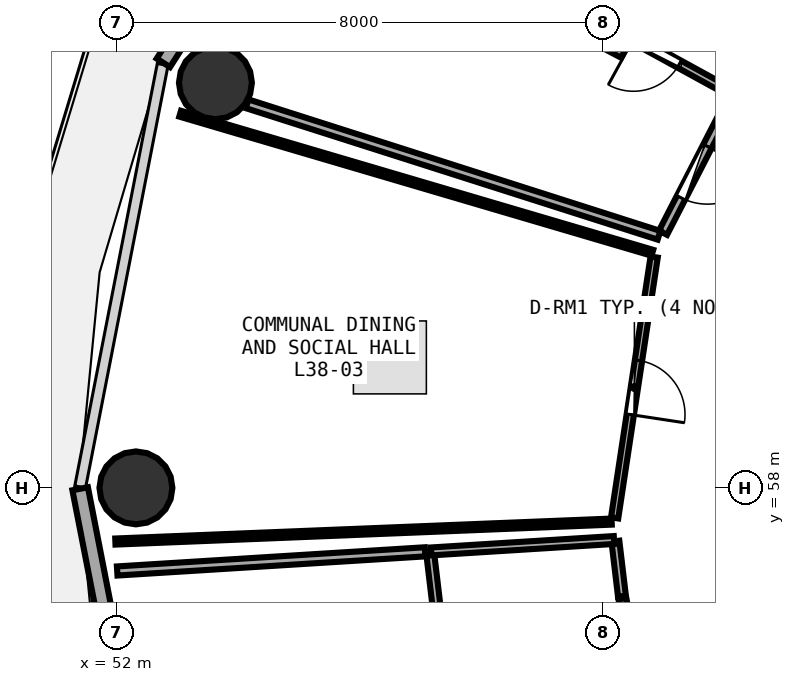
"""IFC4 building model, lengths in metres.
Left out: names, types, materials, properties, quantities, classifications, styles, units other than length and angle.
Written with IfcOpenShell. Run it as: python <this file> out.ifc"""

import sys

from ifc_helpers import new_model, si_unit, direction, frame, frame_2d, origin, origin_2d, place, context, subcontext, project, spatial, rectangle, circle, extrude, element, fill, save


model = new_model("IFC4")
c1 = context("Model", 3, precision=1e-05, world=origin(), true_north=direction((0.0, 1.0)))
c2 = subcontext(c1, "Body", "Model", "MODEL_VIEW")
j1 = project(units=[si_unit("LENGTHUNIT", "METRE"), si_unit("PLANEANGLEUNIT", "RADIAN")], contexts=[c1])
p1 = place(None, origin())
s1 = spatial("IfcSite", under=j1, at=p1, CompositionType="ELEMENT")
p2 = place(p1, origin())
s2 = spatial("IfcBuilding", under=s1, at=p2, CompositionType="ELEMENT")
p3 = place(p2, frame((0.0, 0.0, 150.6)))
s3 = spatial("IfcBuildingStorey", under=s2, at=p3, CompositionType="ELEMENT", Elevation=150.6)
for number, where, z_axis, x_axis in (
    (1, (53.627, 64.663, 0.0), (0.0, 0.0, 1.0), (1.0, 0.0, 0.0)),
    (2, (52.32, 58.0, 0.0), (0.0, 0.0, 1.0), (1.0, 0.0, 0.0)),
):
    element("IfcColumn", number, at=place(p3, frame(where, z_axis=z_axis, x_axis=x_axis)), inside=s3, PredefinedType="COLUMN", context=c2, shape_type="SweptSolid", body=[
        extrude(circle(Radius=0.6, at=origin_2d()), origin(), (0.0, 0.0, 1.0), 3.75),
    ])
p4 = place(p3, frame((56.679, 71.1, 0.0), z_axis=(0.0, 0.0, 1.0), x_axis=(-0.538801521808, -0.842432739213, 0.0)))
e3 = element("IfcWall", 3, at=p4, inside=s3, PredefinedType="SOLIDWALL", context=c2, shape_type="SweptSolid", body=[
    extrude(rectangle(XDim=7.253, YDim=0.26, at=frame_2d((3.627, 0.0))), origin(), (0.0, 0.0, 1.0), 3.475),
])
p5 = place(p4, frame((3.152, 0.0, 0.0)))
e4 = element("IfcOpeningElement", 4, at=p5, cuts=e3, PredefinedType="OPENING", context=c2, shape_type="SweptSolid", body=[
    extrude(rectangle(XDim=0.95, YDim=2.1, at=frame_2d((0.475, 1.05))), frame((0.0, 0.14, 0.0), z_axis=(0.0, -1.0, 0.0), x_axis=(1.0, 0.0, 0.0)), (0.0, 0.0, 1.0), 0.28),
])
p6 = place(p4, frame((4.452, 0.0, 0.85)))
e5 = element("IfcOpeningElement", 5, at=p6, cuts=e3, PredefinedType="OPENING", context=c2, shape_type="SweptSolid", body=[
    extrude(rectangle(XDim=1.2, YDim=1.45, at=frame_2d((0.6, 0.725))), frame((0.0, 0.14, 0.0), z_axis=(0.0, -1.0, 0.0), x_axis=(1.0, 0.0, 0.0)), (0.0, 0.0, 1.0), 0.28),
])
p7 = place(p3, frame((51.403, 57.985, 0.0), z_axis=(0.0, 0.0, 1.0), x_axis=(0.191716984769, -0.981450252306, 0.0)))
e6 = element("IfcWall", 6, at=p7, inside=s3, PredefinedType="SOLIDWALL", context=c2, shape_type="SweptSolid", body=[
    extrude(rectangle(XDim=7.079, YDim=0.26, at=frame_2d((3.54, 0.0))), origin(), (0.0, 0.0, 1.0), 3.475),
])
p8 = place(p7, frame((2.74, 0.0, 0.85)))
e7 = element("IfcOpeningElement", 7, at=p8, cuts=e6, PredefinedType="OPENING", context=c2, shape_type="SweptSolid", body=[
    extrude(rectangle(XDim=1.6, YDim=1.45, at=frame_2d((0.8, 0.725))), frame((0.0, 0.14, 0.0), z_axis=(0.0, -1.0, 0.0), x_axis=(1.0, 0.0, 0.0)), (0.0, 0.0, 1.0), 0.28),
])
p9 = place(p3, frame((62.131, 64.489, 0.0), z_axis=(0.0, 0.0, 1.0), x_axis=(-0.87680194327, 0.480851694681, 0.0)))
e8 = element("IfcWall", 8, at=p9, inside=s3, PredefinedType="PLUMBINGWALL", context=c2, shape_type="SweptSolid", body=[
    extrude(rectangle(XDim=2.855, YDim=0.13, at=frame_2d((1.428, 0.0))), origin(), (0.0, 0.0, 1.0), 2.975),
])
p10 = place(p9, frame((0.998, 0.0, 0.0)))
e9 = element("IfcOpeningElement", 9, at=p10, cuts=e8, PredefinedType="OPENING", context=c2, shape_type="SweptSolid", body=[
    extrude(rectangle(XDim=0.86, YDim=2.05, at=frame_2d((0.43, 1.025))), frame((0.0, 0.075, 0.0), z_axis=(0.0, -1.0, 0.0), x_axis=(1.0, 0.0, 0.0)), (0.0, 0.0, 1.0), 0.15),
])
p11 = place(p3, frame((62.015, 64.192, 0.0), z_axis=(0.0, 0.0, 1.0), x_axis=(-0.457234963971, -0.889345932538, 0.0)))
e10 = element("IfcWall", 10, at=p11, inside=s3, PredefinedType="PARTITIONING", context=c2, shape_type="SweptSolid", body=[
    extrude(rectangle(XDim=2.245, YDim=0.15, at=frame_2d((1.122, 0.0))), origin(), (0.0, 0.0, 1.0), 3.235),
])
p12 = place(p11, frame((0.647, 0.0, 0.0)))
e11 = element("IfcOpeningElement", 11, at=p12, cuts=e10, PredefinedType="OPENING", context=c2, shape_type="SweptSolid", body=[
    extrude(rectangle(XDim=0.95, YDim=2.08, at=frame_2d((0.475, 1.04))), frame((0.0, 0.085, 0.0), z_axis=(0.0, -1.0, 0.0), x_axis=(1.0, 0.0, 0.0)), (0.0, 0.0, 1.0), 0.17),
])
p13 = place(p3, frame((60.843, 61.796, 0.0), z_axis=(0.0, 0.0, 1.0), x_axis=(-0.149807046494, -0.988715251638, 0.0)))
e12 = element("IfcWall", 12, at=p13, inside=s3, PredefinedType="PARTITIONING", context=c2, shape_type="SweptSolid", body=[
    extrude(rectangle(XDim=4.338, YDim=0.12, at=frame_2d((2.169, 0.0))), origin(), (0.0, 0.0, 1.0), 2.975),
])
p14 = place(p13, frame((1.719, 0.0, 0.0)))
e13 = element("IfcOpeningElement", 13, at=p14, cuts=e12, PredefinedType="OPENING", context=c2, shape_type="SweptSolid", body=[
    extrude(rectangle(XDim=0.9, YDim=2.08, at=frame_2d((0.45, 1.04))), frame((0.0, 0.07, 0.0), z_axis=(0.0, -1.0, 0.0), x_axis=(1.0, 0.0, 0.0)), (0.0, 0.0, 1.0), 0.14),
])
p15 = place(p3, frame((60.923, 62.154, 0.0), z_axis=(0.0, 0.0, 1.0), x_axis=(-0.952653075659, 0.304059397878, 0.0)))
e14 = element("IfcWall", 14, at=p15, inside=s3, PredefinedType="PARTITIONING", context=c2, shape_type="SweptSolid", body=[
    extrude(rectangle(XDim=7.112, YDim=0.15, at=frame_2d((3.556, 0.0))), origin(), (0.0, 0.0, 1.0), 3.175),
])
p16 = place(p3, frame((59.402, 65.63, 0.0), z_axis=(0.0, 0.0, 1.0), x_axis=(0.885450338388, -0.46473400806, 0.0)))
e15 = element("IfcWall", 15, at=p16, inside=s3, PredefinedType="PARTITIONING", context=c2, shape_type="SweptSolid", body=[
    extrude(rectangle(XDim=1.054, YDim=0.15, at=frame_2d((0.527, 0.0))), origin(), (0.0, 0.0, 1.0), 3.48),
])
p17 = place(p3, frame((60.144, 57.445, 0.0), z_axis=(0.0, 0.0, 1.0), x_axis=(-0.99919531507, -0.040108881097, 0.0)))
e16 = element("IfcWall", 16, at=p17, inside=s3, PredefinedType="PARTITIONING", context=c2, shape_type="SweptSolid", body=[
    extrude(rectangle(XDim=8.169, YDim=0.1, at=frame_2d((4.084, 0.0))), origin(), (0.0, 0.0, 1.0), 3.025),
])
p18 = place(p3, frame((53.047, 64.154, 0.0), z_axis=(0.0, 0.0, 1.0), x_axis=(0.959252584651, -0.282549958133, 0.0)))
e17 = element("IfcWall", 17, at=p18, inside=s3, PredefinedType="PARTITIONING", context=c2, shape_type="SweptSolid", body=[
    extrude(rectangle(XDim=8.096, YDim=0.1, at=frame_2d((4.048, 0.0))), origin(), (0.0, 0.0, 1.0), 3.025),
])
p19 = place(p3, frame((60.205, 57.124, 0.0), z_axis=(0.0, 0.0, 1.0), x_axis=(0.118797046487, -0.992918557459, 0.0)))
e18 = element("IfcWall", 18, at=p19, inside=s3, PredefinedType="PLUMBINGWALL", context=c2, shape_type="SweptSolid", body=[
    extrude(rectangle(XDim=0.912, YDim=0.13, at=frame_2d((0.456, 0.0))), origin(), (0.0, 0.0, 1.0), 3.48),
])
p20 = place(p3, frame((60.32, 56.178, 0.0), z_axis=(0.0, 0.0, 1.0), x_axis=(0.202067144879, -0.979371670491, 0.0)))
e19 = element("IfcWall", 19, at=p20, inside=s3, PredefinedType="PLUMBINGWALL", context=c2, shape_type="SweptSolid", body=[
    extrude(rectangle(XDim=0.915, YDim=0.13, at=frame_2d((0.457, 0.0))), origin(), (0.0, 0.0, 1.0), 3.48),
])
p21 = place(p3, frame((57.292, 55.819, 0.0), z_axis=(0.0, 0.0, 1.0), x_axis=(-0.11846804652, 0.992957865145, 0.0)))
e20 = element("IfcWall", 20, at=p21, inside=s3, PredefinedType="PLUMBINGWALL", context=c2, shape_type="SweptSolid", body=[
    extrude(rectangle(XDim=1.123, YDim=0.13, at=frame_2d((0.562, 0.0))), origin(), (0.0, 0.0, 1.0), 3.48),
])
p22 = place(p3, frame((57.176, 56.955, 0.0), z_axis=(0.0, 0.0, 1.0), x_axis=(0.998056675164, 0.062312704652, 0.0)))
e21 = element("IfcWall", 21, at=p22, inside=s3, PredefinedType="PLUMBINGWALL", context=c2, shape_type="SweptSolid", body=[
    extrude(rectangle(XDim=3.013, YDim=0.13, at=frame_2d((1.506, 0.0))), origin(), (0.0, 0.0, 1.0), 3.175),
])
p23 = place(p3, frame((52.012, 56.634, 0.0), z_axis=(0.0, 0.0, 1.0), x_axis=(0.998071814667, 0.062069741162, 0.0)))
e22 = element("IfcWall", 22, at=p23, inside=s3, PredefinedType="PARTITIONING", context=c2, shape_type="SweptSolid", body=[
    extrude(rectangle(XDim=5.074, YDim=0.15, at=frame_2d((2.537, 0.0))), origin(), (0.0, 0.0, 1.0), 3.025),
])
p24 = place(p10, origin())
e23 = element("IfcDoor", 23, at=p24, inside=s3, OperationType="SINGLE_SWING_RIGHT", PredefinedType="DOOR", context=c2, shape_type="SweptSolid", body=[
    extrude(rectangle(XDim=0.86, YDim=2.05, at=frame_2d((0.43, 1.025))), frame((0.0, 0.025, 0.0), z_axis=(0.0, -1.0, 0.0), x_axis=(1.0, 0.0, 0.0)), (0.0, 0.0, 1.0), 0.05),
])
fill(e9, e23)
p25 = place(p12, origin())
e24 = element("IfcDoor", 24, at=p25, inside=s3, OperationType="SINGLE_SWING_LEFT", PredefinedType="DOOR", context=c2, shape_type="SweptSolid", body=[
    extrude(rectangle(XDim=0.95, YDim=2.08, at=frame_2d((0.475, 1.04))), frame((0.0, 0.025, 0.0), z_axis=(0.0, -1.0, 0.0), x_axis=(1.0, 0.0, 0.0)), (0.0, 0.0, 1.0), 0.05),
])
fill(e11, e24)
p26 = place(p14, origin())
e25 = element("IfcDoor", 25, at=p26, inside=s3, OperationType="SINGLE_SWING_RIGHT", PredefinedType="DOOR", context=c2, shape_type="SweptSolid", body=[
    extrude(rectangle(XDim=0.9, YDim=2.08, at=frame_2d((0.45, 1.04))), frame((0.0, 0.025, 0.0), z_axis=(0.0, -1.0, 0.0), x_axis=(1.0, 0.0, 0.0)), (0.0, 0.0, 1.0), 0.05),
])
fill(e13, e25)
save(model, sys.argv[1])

[GOAL OF THE EXERCISE] The lines above that hold the string "DOOR" are to be located and copied.

[REPLY]
e23 = element("IfcDoor", 23, at=p24, inside=s3, OperationType="SINGLE_SWING_RIGHT", PredefinedType="DOOR", context=c2, shape_type="SweptSolid", body=[
e24 = element("IfcDoor", 24, at=p25, inside=s3, OperationType="SINGLE_SWING_LEFT", PredefinedType="DOOR", context=c2, shape_type="SweptSolid", body=[
e25 = element("IfcDoor", 25, at=p26, inside=s3, OperationType="SINGLE_SWING_RIGHT", PredefinedType="DOOR", context=c2, shape_type="SweptSolid", body=[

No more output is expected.